INSTRUCTIONS TO FOLLOW - Nothing but the lines from the one containing "world=origin(), true_north=direction((0.0, 1.0)))" through the one containing "x_axis=(0.0, -1.0, 0.0)))", both included, should be given again, each exactly as written below.

(Stored data)
........
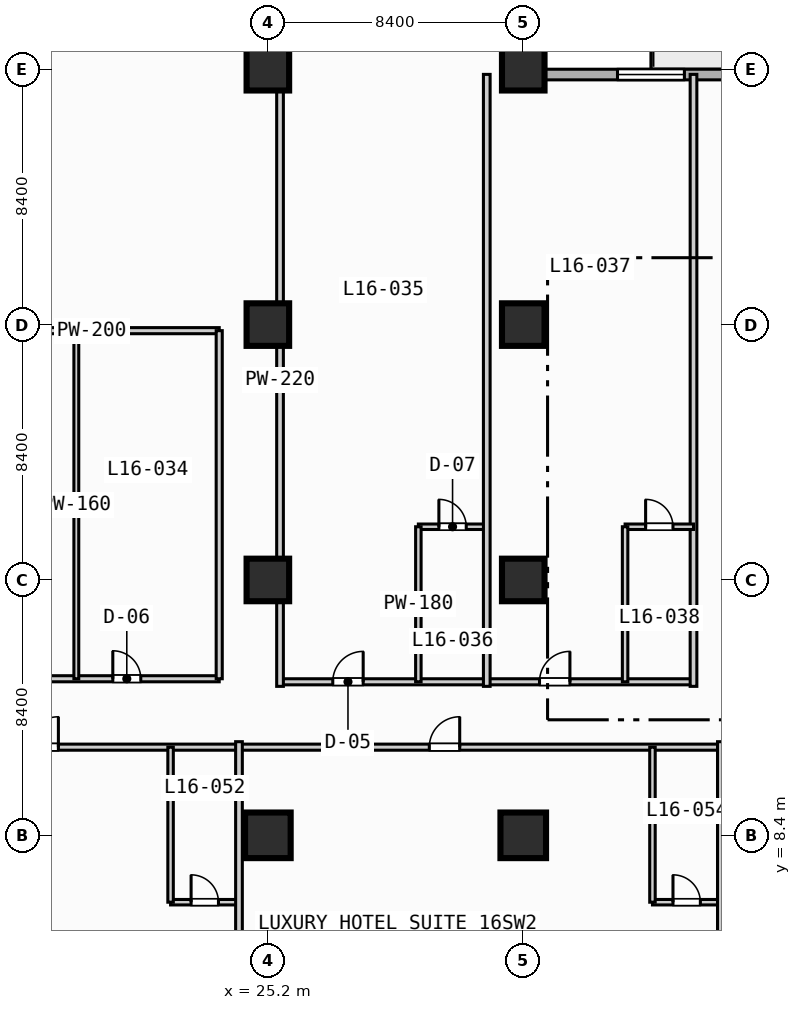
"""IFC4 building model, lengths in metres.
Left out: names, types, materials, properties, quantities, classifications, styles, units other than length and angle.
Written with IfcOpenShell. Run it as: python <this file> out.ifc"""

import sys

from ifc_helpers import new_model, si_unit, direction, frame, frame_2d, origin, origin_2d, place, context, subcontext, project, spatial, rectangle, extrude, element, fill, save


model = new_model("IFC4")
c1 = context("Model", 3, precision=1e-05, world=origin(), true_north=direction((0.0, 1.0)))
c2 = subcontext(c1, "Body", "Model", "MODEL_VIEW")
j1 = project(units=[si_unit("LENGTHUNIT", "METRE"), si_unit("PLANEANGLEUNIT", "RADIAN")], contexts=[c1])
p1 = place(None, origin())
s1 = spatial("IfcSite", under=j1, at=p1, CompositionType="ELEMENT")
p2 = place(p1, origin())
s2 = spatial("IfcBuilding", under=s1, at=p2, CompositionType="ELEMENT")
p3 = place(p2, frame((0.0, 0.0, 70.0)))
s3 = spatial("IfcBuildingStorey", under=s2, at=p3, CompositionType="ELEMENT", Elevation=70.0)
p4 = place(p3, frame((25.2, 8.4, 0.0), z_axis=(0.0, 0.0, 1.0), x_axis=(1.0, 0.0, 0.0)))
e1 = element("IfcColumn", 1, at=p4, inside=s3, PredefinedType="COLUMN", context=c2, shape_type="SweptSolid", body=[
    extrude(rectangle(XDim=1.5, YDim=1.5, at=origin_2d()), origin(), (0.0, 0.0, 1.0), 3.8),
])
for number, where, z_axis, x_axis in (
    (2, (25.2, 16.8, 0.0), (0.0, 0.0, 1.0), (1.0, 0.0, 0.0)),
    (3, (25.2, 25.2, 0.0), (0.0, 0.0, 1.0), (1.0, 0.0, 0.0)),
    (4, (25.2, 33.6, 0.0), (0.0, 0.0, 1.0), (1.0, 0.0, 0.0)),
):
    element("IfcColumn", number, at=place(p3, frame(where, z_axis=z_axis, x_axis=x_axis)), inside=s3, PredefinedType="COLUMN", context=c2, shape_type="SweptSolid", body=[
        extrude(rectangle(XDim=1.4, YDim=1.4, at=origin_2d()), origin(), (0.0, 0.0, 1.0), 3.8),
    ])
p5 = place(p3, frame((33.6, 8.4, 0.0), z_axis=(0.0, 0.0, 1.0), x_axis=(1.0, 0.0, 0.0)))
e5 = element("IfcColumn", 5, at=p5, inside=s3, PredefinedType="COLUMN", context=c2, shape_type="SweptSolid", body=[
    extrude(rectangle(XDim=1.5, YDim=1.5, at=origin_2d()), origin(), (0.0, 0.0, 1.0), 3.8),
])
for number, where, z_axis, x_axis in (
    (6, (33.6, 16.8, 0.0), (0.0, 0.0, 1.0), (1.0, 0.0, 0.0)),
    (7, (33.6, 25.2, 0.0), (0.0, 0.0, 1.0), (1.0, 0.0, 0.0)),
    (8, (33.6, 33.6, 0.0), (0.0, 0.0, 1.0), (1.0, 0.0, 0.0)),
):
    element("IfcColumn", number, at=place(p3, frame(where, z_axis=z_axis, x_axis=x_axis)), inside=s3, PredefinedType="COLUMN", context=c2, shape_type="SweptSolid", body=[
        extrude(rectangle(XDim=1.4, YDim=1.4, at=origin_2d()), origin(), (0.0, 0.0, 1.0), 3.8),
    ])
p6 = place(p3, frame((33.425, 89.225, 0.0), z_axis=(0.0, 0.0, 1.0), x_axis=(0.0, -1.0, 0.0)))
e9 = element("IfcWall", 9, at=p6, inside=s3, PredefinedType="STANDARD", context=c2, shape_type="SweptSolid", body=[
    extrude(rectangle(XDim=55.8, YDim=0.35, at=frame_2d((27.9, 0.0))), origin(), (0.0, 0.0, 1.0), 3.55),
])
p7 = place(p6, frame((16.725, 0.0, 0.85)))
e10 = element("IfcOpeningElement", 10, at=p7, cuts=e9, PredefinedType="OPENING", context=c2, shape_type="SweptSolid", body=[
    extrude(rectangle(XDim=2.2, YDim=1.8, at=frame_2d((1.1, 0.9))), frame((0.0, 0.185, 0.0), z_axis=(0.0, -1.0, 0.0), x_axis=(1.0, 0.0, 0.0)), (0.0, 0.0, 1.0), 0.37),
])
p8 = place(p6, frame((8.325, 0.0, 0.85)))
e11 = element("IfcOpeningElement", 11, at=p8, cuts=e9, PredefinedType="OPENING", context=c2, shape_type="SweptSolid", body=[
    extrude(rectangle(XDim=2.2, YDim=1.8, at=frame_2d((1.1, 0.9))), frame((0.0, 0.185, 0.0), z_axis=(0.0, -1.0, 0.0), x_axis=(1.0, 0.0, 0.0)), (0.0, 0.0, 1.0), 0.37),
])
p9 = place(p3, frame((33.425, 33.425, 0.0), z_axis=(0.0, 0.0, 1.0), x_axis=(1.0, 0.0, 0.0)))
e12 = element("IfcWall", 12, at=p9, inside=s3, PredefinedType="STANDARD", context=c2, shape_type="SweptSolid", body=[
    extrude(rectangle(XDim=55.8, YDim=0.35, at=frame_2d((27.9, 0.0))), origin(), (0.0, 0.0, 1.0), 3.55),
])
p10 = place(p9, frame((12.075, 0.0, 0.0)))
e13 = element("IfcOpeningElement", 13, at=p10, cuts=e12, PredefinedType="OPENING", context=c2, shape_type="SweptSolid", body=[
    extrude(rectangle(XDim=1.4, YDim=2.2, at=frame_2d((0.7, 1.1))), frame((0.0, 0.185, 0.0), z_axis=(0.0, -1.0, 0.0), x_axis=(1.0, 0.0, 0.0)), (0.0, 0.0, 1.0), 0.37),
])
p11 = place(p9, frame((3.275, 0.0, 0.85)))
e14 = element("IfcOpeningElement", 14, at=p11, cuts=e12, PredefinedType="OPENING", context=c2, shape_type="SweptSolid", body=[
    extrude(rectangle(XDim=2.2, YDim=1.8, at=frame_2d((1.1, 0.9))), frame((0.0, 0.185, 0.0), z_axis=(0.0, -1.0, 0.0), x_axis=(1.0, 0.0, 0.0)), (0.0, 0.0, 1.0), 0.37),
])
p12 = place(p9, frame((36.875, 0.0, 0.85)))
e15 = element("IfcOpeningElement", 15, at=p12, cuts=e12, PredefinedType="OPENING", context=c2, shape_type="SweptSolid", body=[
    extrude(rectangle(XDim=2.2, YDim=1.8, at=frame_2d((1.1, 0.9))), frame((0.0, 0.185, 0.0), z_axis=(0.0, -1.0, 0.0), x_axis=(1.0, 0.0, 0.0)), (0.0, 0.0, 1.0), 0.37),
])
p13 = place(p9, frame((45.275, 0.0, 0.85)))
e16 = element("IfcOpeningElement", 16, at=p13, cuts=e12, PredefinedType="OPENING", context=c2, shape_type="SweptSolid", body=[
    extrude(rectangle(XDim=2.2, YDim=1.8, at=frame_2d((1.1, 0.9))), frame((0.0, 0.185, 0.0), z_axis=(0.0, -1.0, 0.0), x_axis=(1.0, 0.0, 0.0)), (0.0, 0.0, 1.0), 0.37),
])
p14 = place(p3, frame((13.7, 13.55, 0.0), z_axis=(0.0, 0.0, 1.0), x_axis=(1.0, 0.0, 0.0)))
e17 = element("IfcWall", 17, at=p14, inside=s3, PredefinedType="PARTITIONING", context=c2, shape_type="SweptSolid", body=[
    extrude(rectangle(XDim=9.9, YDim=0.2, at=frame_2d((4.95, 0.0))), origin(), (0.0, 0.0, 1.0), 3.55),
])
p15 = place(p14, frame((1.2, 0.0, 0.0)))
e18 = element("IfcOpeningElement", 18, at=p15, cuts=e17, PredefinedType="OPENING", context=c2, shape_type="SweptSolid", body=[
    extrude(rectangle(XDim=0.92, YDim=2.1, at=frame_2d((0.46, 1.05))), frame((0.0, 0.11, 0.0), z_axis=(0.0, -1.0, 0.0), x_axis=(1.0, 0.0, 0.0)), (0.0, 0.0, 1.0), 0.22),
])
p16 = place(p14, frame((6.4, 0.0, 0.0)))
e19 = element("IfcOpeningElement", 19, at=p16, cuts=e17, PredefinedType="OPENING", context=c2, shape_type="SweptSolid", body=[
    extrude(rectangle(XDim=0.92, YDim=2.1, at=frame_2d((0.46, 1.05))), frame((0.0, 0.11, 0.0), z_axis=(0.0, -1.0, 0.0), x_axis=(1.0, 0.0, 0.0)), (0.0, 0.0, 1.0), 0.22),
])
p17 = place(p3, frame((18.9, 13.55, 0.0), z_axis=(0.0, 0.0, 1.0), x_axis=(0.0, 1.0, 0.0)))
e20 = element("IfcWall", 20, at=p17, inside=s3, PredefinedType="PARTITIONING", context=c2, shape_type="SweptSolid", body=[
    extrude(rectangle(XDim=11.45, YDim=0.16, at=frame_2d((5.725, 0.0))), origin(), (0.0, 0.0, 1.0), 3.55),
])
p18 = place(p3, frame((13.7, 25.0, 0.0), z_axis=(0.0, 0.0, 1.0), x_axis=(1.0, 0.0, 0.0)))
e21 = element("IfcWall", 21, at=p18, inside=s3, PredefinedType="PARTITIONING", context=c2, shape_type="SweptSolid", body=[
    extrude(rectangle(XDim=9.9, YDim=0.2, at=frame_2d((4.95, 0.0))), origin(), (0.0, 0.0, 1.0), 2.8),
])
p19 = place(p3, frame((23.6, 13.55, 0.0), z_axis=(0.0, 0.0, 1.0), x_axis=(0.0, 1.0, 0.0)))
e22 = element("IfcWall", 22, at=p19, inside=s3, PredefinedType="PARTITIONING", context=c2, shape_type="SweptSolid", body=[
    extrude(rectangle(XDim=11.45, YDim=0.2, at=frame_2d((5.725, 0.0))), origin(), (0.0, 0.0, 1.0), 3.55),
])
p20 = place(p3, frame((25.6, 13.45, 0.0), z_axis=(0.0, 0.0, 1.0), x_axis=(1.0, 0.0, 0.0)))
........
SOLVED PROBLEM -
c1 = context("Model", 3, precision=1e-05, world=origin(), true_north=direction((0.0, 1.0)))
c2 = subcontext(c1, "Body", "Model", "MODEL_VIEW")
j1 = project(units=[si_unit("LENGTHUNIT", "METRE"), si_unit("PLANEANGLEUNIT", "RADIAN")], contexts=[c1])
p1 = place(None, origin())
s1 = spatial("IfcSite", under=j1, at=p1, CompositionType="ELEMENT")
p2 = place(p1, origin())
s2 = spatial("IfcBuilding", under=s1, at=p2, CompositionType="ELEMENT")
p3 = place(p2, frame((0.0, 0.0, 70.0)))
s3 = spatial("IfcBuildingStorey", under=s2, at=p3, CompositionType="ELEMENT", Elevation=70.0)
p4 = place(p3, frame((25.2, 8.4, 0.0), z_axis=(0.0, 0.0, 1.0), x_axis=(1.0, 0.0, 0.0)))
e1 = element("IfcColumn", 1, at=p4, inside=s3, PredefinedType="COLUMN", context=c2, shape_type="SweptSolid", body=[
    extrude(rectangle(XDim=1.5, YDim=1.5, at=origin_2d()), origin(), (0.0, 0.0, 1.0), 3.8),
])
for number, where, z_axis, x_axis in (
    (2, (25.2, 16.8, 0.0), (0.0, 0.0, 1.0), (1.0, 0.0, 0.0)),
    (3, (25.2, 25.2, 0.0), (0.0, 0.0, 1.0), (1.0, 0.0, 0.0)),
    (4, (25.2, 33.6, 0.0), (0.0, 0.0, 1.0), (1.0, 0.0, 0.0)),
):
    element("IfcColumn", number, at=place(p3, frame(where, z_axis=z_axis, x_axis=x_axis)), inside=s3, PredefinedType="COLUMN", context=c2, shape_type="SweptSolid", body=[
        extrude(rectangle(XDim=1.4, YDim=1.4, at=origin_2d()), origin(), (0.0, 0.0, 1.0), 3.8),
    ])
p5 = place(p3, frame((33.6, 8.4, 0.0), z_axis=(0.0, 0.0, 1.0), x_axis=(1.0, 0.0, 0.0)))
e5 = element("IfcColumn", 5, at=p5, inside=s3, PredefinedType="COLUMN", context=c2, shape_type="SweptSolid", body=[
    extrude(rectangle(XDim=1.5, YDim=1.5, at=origin_2d()), origin(), (0.0, 0.0, 1.0), 3.8),
])
for number, where, z_axis, x_axis in (
    (6, (33.6, 16.8, 0.0), (0.0, 0.0, 1.0), (1.0, 0.0, 0.0)),
    (7, (33.6, 25.2, 0.0), (0.0, 0.0, 1.0), (1.0, 0.0, 0.0)),
    (8, (33.6, 33.6, 0.0), (0.0, 0.0, 1.0), (1.0, 0.0, 0.0)),
):
    element("IfcColumn", number, at=place(p3, frame(where, z_axis=z_axis, x_axis=x_axis)), inside=s3, PredefinedType="COLUMN", context=c2, shape_type="SweptSolid", body=[
        extrude(rectangle(XDim=1.4, YDim=1.4, at=origin_2d()), origin(), (0.0, 0.0, 1.0), 3.8),
    ])
p6 = place(p3, frame((33.425, 89.225, 0.0), z_axis=(0.0, 0.0, 1.0), x_axis=(0.0, -1.0, 0.0)))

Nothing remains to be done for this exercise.